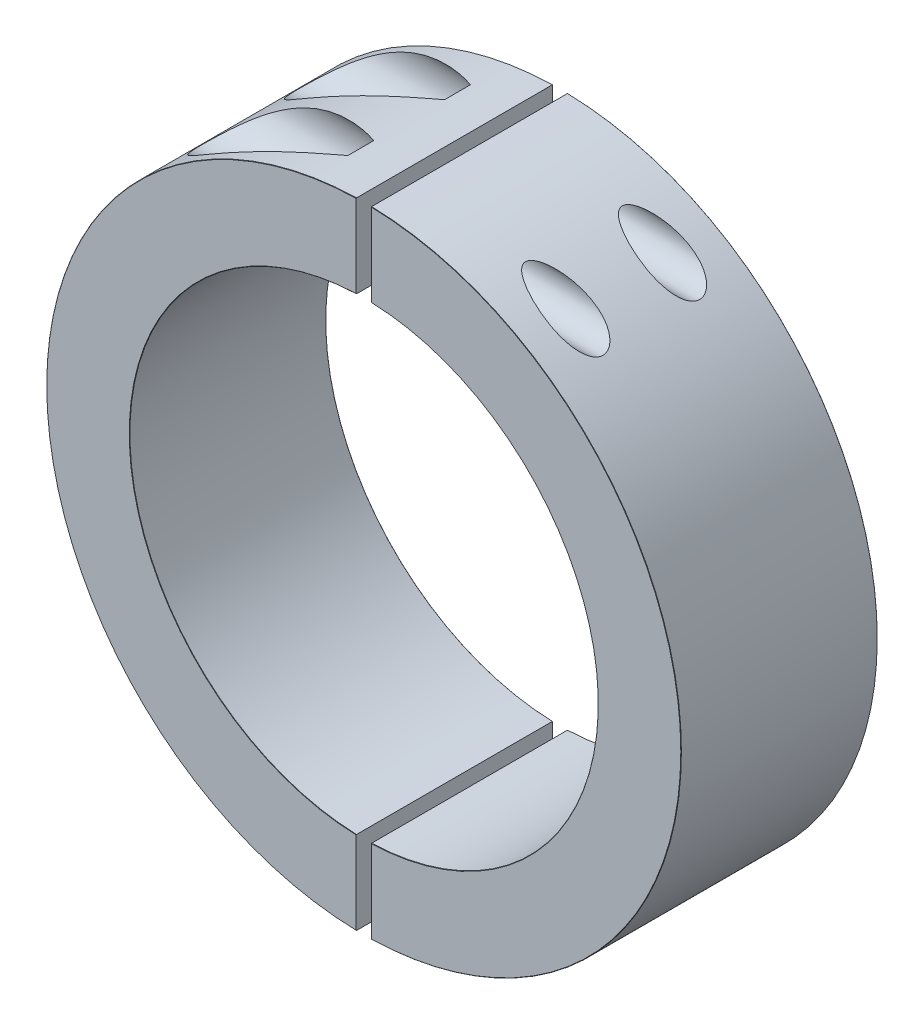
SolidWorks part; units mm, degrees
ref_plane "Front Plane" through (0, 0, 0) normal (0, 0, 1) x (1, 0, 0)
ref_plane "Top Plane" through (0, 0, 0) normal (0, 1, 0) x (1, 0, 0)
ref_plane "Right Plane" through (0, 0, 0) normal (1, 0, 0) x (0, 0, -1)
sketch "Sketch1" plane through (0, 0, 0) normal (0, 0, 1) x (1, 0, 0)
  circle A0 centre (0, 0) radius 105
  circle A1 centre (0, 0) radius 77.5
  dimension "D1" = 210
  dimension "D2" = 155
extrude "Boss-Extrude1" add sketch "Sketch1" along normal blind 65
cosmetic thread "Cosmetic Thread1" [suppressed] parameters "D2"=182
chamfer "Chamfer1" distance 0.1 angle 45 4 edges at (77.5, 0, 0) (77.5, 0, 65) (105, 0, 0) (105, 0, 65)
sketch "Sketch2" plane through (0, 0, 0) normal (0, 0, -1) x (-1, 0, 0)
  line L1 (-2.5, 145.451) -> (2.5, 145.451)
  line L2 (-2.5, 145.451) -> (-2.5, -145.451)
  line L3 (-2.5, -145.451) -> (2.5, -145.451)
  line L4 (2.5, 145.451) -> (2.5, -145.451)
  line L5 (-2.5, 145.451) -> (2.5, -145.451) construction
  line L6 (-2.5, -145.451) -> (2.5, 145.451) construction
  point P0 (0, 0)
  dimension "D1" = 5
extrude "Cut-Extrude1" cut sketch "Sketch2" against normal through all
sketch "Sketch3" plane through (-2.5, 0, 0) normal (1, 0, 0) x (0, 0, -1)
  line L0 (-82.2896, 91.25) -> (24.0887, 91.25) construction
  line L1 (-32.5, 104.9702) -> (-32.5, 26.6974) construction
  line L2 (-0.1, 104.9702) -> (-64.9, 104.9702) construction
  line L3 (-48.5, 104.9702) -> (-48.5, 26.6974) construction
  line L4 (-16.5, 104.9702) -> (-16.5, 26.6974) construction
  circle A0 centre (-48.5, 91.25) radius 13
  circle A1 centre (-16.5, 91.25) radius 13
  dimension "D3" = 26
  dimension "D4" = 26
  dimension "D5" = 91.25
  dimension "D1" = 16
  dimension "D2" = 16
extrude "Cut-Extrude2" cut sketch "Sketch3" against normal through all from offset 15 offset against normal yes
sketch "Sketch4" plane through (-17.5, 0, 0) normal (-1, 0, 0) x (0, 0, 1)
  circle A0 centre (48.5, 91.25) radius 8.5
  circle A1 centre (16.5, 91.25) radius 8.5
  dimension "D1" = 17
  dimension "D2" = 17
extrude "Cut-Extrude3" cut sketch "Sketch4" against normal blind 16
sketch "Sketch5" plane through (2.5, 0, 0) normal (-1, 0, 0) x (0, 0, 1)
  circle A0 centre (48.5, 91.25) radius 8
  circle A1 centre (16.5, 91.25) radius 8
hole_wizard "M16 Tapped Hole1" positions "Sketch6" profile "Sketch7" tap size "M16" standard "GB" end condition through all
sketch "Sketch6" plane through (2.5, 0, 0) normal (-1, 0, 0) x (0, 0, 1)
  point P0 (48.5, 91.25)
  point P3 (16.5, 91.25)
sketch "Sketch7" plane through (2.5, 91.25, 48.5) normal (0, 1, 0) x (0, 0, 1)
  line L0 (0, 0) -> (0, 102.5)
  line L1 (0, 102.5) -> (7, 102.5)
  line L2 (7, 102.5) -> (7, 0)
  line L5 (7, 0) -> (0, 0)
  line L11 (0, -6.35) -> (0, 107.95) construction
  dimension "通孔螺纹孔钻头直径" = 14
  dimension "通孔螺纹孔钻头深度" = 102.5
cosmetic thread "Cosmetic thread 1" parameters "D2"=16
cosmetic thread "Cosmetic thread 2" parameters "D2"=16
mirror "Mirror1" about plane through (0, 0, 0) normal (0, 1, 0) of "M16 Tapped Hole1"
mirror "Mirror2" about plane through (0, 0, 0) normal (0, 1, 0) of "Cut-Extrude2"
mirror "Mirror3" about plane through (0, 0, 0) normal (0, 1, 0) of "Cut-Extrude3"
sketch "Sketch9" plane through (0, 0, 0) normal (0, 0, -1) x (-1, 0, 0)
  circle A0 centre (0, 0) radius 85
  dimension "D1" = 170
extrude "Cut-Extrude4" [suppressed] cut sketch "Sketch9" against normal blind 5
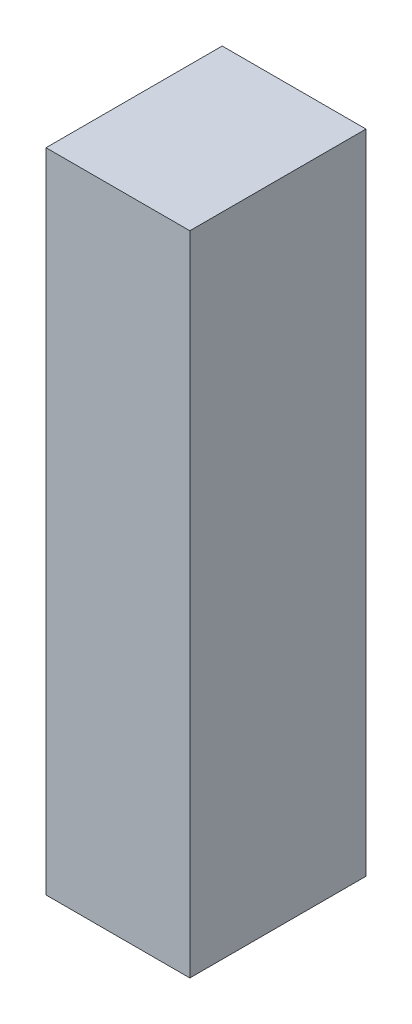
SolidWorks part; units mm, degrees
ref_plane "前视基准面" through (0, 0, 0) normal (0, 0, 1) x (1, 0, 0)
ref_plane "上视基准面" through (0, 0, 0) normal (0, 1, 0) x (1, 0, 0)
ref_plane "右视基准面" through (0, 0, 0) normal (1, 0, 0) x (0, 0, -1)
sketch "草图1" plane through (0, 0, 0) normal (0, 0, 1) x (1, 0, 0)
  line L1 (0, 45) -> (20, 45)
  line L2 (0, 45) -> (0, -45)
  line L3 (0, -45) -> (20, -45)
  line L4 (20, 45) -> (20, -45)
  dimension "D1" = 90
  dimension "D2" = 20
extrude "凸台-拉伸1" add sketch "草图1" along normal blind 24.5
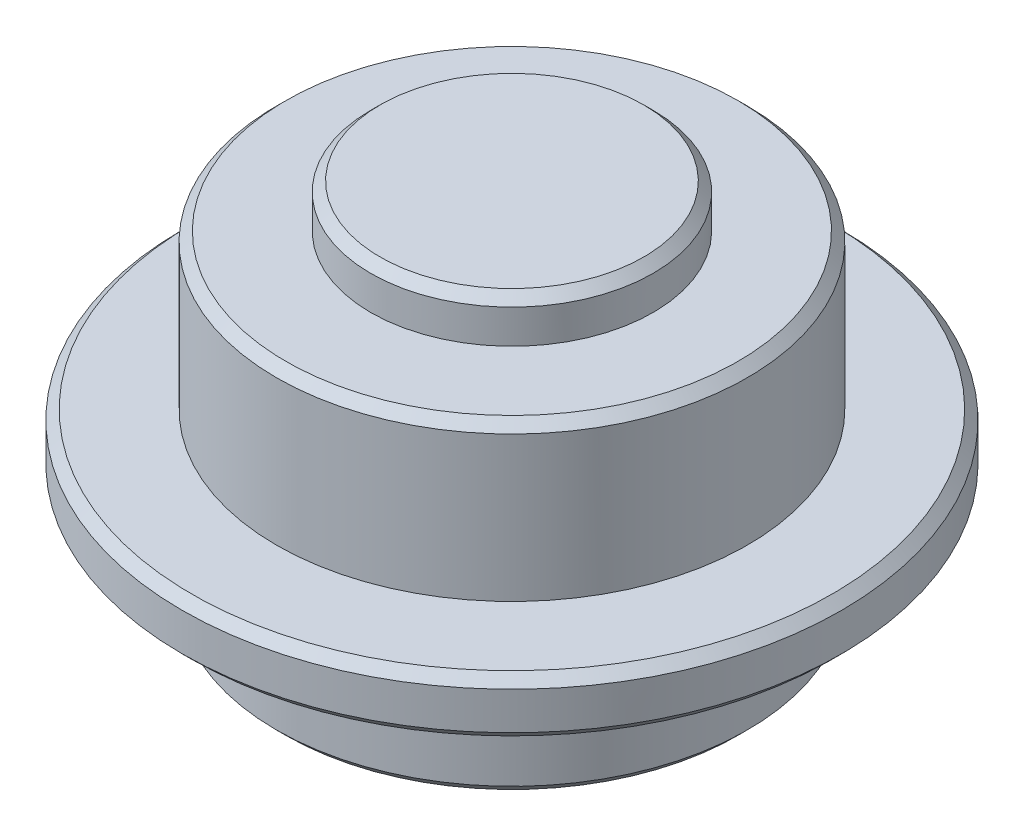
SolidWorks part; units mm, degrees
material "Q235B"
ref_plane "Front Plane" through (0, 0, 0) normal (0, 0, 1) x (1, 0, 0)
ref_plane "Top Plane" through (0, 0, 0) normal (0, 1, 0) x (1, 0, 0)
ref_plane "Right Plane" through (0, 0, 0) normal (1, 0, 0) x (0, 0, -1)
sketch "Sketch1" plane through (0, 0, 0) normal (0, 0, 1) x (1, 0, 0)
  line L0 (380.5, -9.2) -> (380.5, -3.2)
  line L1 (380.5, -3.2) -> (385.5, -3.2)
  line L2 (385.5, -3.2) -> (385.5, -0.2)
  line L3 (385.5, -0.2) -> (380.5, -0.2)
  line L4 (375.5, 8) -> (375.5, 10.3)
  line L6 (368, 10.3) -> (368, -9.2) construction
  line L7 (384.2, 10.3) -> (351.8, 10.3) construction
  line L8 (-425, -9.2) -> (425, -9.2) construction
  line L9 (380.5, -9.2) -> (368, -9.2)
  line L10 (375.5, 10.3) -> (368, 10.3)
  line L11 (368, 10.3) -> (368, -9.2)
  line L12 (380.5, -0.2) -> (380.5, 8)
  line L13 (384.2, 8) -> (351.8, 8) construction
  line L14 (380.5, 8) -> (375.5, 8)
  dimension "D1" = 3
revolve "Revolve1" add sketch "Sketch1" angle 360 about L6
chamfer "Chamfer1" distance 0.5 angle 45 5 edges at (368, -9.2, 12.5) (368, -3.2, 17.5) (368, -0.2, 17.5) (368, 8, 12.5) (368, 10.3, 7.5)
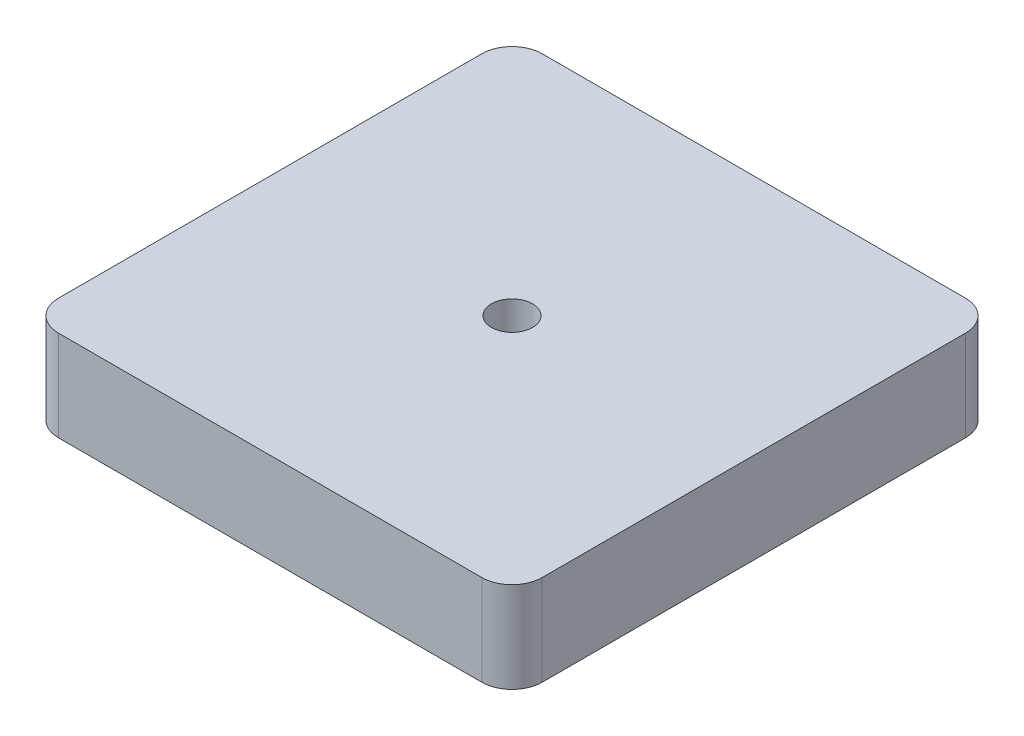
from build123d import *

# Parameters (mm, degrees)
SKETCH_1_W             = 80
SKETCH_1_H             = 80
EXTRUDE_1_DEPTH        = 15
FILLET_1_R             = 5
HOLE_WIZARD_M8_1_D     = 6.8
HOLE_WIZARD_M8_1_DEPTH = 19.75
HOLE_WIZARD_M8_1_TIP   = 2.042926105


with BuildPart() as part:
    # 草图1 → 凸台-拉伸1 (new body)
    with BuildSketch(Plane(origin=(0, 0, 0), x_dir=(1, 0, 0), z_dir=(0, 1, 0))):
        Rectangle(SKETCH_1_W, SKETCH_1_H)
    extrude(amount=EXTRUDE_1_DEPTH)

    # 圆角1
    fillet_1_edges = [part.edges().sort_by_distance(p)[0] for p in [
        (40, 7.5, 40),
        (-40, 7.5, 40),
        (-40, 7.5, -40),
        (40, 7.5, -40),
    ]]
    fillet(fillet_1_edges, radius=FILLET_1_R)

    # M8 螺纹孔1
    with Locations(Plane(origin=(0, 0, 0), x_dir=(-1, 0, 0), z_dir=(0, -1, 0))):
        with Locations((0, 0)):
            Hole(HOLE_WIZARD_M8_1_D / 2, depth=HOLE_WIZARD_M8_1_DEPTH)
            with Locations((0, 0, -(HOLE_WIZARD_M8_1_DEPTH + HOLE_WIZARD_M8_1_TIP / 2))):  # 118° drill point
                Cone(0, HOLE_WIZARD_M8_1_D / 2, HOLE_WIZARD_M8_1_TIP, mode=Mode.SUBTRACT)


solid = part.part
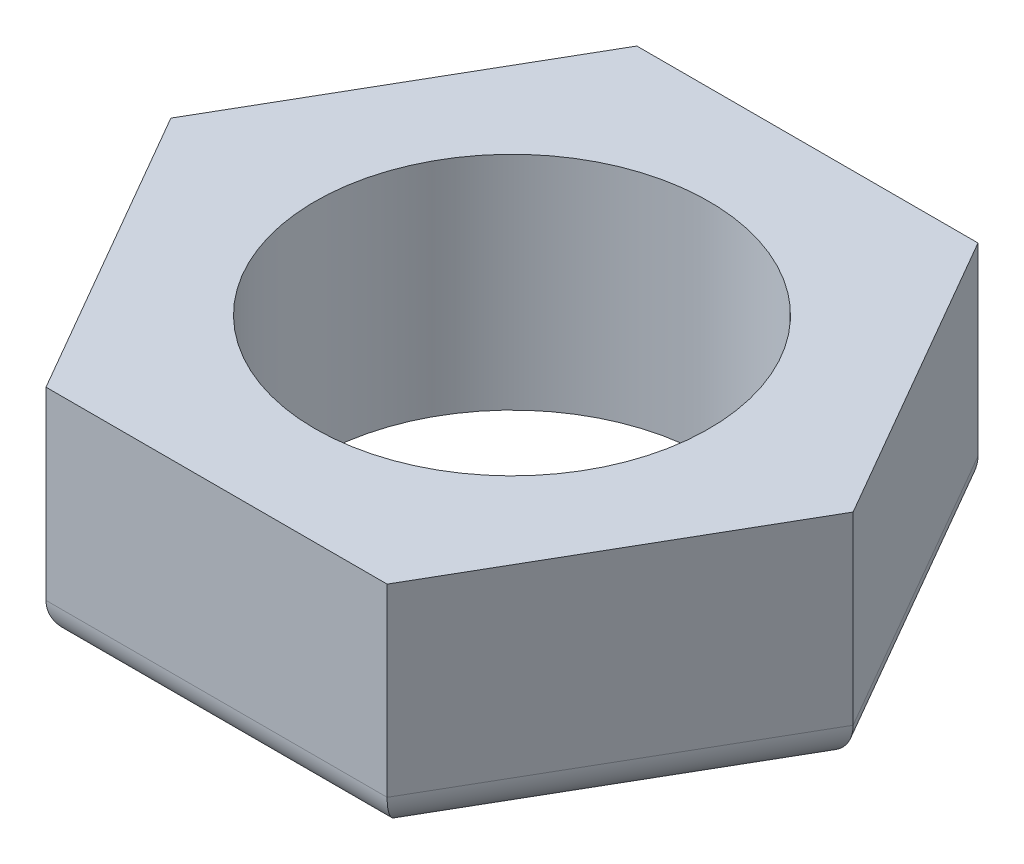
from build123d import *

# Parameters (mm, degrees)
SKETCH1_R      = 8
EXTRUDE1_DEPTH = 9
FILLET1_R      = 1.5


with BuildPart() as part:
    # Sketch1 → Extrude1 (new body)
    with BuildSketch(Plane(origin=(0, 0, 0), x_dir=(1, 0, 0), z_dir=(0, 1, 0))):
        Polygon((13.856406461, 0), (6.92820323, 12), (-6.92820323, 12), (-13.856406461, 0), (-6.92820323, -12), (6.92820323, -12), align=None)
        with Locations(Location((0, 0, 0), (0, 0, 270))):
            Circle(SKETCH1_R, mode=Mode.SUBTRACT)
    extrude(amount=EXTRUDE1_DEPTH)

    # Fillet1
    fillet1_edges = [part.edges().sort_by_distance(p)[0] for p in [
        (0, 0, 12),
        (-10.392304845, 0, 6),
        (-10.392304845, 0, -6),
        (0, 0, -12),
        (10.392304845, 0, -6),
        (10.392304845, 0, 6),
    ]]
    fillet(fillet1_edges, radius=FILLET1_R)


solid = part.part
———
== Exercise ==
Count the lines in the records that contain the word "Cosmetic", and give only that number.

== Output of the task ==
3